*WORK ORDER*
Write only how many lines in this data include "units".

Stored items from a collection:
====================

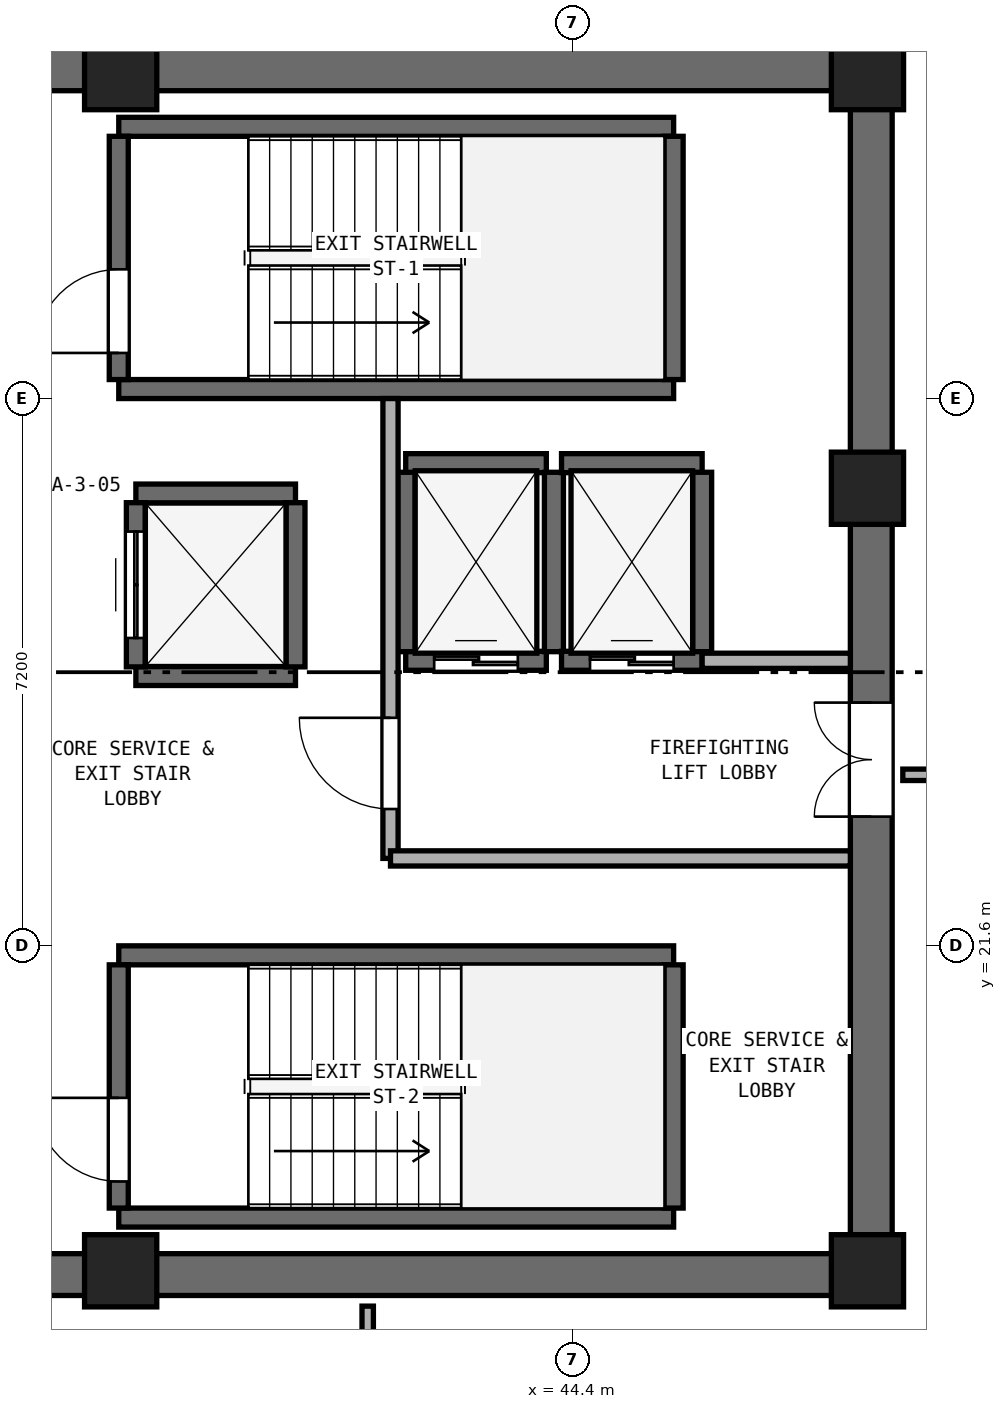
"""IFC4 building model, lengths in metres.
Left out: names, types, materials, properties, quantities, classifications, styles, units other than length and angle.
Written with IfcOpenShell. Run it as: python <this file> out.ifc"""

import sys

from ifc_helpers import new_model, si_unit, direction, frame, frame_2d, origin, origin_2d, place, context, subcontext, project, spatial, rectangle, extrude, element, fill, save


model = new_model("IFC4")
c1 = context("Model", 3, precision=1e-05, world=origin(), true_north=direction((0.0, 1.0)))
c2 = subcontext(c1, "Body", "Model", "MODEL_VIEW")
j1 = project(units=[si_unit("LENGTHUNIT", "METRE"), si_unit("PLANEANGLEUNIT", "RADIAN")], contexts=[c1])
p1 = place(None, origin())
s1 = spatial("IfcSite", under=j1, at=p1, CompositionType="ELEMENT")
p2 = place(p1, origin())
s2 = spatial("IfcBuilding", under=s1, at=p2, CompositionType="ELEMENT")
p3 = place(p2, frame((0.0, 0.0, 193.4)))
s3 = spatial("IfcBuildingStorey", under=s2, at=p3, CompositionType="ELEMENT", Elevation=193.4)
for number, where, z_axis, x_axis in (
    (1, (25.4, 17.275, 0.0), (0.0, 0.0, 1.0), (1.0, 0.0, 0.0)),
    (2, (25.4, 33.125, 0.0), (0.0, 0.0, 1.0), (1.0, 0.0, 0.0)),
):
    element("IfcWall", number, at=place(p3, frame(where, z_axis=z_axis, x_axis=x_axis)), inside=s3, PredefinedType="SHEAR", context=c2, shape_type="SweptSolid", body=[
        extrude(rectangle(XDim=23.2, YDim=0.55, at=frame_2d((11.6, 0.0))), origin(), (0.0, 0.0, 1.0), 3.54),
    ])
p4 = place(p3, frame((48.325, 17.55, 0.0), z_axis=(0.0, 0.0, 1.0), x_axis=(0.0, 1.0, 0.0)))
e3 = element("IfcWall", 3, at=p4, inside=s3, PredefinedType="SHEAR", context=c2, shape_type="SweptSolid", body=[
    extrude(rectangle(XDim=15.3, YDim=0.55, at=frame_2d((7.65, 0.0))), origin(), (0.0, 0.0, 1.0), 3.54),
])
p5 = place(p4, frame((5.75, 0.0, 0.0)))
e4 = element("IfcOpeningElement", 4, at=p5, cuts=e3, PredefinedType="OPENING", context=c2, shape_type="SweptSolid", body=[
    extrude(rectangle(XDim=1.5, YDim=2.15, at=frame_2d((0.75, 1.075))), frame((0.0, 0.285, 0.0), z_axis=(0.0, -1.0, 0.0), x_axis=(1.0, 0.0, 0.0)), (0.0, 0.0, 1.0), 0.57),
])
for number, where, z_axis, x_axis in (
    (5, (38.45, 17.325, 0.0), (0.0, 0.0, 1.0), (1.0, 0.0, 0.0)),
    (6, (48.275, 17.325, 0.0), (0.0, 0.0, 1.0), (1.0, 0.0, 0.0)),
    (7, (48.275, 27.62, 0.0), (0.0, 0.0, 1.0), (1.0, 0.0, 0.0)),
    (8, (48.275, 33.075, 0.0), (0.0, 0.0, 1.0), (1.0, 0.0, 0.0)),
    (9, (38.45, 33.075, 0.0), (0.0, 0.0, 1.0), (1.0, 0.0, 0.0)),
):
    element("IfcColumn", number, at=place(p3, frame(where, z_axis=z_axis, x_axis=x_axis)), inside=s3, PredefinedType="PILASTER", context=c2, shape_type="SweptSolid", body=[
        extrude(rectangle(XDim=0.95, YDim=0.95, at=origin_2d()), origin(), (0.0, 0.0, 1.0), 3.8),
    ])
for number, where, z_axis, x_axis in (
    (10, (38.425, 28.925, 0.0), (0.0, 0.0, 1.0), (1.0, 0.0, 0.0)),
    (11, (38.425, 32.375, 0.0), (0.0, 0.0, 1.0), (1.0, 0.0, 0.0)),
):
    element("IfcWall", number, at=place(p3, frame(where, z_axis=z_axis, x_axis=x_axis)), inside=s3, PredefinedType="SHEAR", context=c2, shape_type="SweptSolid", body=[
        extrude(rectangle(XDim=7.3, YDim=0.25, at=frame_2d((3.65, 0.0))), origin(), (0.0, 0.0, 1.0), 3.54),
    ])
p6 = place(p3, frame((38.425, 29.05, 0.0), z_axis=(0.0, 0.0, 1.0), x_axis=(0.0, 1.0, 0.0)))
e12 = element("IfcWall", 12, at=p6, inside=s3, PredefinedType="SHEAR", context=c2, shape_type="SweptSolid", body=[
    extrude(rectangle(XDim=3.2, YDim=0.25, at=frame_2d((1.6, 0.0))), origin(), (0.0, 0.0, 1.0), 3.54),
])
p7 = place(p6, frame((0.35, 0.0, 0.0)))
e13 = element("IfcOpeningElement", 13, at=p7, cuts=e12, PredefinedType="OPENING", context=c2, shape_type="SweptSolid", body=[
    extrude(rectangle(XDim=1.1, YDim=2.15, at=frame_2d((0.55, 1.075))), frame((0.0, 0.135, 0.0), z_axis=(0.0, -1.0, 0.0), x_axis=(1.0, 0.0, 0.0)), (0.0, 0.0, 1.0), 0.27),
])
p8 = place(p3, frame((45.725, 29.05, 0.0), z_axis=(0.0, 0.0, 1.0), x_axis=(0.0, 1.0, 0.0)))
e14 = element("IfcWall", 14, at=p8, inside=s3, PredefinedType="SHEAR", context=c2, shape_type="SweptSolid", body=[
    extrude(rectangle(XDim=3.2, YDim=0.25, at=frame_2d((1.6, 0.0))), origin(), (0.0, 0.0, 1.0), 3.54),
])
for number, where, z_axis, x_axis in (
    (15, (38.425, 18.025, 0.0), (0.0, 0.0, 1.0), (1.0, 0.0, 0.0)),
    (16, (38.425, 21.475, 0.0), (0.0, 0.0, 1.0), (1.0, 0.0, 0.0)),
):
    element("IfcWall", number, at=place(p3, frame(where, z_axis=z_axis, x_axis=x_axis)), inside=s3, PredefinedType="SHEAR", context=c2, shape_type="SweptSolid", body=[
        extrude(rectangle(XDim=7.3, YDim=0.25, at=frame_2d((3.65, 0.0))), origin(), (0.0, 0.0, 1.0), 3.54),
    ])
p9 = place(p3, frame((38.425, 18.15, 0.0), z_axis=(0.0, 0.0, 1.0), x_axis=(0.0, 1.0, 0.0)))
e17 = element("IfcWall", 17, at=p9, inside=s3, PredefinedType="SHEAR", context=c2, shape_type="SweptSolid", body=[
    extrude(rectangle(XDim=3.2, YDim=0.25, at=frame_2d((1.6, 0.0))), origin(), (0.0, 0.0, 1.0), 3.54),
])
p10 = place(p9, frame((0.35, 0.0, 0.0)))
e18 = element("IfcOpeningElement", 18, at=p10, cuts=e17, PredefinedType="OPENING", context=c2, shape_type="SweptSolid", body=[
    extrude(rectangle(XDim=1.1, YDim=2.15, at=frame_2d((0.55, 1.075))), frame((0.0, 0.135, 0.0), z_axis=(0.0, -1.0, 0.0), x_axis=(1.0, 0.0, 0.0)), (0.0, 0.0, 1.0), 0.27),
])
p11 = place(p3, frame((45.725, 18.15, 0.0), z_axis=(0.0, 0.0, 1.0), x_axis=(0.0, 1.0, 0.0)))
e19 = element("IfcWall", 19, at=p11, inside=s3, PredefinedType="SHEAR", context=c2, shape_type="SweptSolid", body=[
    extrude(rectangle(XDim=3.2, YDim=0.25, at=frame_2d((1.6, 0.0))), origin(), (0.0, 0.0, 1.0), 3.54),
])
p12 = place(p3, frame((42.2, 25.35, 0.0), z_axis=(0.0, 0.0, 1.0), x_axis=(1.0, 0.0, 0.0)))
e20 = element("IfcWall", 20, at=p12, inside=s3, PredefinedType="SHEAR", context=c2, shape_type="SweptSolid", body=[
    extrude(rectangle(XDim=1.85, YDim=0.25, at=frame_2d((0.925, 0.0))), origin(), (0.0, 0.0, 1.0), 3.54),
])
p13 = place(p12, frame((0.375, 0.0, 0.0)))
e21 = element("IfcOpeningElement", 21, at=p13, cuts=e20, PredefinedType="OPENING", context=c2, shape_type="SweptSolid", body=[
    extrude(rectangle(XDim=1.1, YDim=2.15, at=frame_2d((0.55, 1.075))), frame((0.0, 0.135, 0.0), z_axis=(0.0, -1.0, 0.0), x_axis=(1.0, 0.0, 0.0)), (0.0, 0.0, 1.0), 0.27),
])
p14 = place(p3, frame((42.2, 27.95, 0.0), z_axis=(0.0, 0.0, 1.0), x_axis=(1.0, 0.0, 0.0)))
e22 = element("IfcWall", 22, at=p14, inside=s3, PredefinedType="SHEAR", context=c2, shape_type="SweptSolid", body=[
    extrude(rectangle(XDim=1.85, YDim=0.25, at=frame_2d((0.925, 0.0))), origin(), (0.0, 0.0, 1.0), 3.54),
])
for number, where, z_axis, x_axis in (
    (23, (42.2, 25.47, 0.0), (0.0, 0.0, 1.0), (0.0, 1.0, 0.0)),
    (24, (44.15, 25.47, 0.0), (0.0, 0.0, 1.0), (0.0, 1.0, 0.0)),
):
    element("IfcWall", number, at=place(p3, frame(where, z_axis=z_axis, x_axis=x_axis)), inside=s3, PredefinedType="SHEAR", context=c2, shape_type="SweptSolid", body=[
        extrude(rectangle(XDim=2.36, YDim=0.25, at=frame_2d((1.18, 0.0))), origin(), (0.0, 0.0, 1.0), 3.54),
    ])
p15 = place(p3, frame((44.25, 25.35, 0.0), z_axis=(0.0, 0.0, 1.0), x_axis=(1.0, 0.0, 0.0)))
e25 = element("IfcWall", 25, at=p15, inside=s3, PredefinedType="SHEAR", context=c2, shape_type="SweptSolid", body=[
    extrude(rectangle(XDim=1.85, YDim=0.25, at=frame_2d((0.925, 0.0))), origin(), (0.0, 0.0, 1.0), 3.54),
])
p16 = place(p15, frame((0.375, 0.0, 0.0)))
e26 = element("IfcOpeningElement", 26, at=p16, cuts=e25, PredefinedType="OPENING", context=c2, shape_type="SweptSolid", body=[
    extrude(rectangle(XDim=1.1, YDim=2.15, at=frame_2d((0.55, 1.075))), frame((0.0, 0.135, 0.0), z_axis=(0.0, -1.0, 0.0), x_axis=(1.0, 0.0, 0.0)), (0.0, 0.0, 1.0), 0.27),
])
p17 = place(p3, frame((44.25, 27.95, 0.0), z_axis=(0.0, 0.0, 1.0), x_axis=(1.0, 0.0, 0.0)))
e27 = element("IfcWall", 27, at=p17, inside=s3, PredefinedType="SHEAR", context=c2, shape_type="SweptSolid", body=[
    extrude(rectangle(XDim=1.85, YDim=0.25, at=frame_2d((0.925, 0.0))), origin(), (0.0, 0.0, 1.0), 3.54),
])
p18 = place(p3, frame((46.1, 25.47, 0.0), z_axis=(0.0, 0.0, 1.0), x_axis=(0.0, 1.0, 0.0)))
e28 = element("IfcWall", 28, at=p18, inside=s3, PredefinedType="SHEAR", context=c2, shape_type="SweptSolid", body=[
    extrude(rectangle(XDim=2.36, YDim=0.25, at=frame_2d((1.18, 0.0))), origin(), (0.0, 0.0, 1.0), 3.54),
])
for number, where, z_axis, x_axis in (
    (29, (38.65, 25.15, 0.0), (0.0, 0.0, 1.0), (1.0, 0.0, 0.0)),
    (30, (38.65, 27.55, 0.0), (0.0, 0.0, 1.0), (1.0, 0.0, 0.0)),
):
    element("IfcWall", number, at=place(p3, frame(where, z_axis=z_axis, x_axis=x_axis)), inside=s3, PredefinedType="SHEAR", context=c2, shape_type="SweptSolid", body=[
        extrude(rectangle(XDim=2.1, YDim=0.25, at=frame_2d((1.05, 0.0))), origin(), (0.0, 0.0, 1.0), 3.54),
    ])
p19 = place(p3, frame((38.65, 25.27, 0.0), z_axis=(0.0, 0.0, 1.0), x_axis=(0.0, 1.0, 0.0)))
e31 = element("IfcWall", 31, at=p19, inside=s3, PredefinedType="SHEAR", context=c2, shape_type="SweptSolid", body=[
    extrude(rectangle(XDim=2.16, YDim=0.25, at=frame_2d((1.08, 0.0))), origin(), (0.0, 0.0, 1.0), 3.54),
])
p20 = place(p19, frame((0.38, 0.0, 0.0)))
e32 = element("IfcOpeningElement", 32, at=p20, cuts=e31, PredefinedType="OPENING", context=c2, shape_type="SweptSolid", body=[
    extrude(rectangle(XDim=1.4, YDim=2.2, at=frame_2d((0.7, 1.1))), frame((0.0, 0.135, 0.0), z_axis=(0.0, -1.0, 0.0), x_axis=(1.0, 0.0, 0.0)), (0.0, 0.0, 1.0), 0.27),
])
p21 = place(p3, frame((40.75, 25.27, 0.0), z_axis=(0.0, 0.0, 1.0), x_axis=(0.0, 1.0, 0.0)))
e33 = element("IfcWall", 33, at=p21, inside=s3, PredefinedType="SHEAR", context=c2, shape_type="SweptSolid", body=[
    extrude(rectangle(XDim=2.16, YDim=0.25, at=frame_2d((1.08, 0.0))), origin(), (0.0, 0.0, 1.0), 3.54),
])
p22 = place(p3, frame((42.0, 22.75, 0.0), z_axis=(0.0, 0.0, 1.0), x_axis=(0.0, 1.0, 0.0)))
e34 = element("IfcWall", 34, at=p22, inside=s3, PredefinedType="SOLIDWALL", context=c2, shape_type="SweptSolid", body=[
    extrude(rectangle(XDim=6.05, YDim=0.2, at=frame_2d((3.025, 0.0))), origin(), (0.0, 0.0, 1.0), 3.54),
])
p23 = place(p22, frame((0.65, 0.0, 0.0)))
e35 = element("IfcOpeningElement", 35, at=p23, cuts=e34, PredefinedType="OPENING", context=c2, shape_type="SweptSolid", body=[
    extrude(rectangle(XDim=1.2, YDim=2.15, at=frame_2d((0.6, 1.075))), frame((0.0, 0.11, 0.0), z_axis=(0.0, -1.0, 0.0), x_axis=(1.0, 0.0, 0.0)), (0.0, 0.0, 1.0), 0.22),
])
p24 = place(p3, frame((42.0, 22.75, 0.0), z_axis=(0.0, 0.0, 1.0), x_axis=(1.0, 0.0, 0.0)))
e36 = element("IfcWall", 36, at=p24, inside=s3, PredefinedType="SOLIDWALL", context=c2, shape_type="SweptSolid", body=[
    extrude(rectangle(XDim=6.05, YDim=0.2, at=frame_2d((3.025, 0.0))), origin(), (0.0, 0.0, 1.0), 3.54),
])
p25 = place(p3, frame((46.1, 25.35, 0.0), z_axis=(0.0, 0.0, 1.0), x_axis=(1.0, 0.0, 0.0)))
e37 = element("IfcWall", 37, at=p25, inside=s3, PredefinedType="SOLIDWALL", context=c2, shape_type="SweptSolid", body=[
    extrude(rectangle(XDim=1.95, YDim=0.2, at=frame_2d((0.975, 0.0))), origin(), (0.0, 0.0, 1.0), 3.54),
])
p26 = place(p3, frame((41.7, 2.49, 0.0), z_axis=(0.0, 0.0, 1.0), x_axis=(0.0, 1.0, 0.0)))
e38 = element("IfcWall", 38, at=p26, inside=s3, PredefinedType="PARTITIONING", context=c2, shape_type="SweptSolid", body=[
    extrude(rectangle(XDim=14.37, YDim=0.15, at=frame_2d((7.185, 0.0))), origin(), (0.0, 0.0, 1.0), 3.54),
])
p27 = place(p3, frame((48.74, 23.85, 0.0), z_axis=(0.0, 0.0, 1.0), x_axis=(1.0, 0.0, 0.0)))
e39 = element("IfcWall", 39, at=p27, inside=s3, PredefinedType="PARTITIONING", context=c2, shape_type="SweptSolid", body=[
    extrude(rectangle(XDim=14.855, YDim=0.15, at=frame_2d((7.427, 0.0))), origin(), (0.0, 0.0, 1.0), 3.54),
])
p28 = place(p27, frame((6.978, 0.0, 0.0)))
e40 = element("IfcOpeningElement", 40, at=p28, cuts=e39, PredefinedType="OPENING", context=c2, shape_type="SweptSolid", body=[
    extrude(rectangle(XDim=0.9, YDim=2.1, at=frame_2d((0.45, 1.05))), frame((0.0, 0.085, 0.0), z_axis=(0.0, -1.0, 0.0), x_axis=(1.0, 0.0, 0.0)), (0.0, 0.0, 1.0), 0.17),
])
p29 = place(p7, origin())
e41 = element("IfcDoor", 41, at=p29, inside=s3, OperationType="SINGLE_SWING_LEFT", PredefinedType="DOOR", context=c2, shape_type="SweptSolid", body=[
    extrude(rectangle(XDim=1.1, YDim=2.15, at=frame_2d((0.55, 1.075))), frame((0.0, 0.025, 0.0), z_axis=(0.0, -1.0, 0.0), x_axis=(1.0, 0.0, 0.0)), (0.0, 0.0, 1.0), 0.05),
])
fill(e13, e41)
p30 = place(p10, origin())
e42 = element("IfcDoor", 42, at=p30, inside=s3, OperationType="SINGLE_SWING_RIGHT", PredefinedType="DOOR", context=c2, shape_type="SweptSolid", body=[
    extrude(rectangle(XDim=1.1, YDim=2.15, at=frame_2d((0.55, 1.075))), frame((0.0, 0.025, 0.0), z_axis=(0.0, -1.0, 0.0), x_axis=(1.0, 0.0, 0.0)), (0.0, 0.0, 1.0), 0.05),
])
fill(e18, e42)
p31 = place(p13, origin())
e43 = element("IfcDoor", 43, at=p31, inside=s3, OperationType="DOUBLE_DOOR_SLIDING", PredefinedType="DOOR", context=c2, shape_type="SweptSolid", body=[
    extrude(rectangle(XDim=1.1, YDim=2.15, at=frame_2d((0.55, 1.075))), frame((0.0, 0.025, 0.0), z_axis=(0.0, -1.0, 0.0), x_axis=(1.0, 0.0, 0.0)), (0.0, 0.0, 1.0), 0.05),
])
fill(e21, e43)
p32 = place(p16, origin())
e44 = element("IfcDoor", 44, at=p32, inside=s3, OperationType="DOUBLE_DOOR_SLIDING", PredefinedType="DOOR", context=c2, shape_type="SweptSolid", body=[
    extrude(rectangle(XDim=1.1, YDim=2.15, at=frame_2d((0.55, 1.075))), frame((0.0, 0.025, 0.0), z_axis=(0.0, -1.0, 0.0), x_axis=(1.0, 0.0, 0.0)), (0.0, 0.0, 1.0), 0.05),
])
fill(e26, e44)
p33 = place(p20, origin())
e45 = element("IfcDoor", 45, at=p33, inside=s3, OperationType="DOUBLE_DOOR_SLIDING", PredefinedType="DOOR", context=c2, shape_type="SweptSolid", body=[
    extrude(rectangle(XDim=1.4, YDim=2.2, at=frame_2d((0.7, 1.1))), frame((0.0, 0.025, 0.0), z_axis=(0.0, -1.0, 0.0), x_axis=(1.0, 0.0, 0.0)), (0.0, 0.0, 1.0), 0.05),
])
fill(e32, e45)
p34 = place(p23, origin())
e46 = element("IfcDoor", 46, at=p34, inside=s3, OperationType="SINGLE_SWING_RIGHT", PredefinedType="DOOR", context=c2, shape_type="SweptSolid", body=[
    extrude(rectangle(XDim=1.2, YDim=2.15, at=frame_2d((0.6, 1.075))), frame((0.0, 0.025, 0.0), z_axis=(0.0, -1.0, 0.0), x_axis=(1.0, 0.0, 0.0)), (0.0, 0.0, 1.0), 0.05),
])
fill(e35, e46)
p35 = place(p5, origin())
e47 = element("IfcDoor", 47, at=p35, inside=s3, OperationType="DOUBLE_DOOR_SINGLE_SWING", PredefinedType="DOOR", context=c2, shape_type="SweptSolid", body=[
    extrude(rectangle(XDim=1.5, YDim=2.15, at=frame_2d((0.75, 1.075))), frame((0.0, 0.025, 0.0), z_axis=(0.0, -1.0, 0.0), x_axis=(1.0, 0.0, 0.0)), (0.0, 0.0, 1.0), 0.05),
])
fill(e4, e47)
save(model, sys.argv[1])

====================

*SOLUTION*
2